* Entries provided
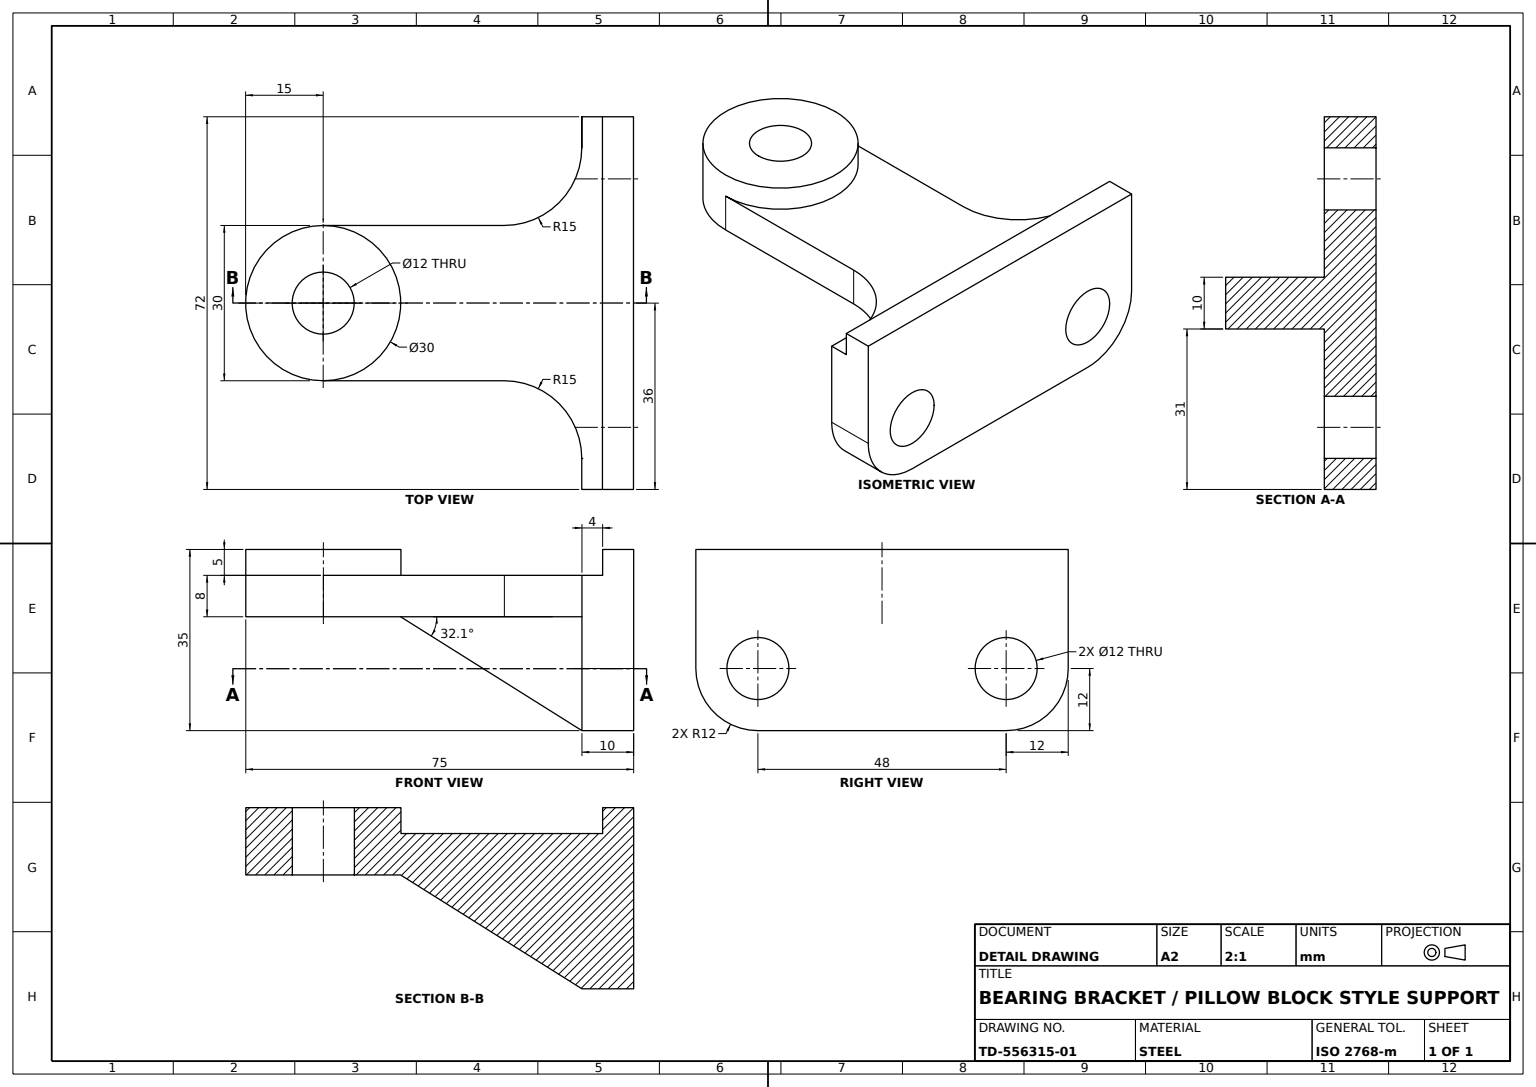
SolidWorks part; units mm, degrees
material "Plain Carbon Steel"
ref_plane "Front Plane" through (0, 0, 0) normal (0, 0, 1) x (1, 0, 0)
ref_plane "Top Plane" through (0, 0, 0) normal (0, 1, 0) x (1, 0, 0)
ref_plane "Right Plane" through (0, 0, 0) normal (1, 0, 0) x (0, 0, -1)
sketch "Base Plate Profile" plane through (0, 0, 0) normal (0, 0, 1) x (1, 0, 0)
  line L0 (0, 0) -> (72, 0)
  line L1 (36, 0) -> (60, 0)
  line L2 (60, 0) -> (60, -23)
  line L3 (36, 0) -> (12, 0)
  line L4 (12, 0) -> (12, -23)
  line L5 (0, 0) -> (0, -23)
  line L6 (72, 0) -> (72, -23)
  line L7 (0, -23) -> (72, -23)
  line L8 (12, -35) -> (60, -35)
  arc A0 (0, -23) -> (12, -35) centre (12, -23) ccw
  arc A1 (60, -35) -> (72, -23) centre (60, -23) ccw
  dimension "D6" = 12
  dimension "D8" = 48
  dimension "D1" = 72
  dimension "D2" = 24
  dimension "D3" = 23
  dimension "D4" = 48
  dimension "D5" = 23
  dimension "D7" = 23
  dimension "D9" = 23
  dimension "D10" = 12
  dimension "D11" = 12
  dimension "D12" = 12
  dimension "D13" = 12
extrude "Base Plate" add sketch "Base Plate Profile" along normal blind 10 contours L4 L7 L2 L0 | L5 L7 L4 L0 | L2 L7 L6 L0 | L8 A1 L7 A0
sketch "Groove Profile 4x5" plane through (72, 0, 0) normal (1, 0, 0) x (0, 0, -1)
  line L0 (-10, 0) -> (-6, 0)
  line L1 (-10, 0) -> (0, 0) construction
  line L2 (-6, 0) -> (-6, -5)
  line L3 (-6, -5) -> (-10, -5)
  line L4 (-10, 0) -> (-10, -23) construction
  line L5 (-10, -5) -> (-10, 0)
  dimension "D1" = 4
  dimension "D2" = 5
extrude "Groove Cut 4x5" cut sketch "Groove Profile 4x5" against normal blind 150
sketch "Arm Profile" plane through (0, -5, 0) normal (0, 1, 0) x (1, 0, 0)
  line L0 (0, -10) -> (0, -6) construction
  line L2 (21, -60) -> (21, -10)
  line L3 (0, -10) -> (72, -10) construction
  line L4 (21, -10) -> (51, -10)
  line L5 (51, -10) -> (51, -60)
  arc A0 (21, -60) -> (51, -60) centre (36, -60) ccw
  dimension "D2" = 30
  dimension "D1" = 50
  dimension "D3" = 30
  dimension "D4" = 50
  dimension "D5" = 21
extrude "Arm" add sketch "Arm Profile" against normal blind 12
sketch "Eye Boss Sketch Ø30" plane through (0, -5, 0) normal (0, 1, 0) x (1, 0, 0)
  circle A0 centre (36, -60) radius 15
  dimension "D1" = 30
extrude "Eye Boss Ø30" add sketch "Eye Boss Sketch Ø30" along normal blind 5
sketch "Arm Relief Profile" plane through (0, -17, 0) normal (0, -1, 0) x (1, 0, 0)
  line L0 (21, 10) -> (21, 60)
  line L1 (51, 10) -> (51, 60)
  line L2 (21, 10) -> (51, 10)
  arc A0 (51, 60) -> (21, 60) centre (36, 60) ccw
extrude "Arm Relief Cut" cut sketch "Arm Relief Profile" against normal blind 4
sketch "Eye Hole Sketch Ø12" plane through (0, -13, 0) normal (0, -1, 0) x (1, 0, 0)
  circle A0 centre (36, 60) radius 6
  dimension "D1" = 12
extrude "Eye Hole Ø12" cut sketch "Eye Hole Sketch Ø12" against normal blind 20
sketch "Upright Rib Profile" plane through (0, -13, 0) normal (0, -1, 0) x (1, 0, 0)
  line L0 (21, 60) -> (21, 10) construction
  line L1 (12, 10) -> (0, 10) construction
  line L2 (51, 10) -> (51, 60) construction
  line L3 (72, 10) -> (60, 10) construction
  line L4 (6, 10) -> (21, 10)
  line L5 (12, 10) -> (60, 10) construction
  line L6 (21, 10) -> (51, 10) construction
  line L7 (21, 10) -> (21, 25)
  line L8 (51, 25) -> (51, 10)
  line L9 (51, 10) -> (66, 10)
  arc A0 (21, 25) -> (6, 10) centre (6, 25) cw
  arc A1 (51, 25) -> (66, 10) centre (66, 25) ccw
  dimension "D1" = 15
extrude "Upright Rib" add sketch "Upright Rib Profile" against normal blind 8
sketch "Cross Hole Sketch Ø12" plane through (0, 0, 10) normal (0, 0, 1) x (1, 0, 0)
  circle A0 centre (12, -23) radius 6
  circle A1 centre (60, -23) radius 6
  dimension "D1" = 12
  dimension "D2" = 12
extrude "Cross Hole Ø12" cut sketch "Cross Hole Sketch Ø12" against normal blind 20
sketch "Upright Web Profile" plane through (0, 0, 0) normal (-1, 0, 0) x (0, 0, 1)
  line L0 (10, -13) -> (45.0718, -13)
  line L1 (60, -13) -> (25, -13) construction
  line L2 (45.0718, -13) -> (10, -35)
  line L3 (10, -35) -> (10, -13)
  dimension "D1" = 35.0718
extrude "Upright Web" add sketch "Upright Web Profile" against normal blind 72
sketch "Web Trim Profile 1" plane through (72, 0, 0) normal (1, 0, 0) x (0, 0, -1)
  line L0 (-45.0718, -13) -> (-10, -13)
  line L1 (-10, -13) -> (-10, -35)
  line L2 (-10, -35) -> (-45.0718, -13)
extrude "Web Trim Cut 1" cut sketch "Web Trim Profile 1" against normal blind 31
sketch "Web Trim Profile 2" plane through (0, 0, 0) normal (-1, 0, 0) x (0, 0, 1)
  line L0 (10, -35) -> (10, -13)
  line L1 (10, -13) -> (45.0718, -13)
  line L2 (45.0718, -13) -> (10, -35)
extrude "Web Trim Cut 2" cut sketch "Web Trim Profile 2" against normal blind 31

* Task instructions
All lines from the start of the entries above through the line containing "line L4 (12, 0) -> (12, -23)" are to be given again exactly; the pictures are not.

* Solution below
SolidWorks part; units mm, degrees
material "Plain Carbon Steel"
ref_plane "Front Plane" through (0, 0, 0) normal (0, 0, 1) x (1, 0, 0)
ref_plane "Top Plane" through (0, 0, 0) normal (0, 1, 0) x (1, 0, 0)
ref_plane "Right Plane" through (0, 0, 0) normal (1, 0, 0) x (0, 0, -1)
sketch "Base Plate Profile" plane through (0, 0, 0) normal (0, 0, 1) x (1, 0, 0)
  line L0 (0, 0) -> (72, 0)
  line L1 (36, 0) -> (60, 0)
  line L2 (60, 0) -> (60, -23)
  line L3 (36, 0) -> (12, 0)
  line L4 (12, 0) -> (12, -23)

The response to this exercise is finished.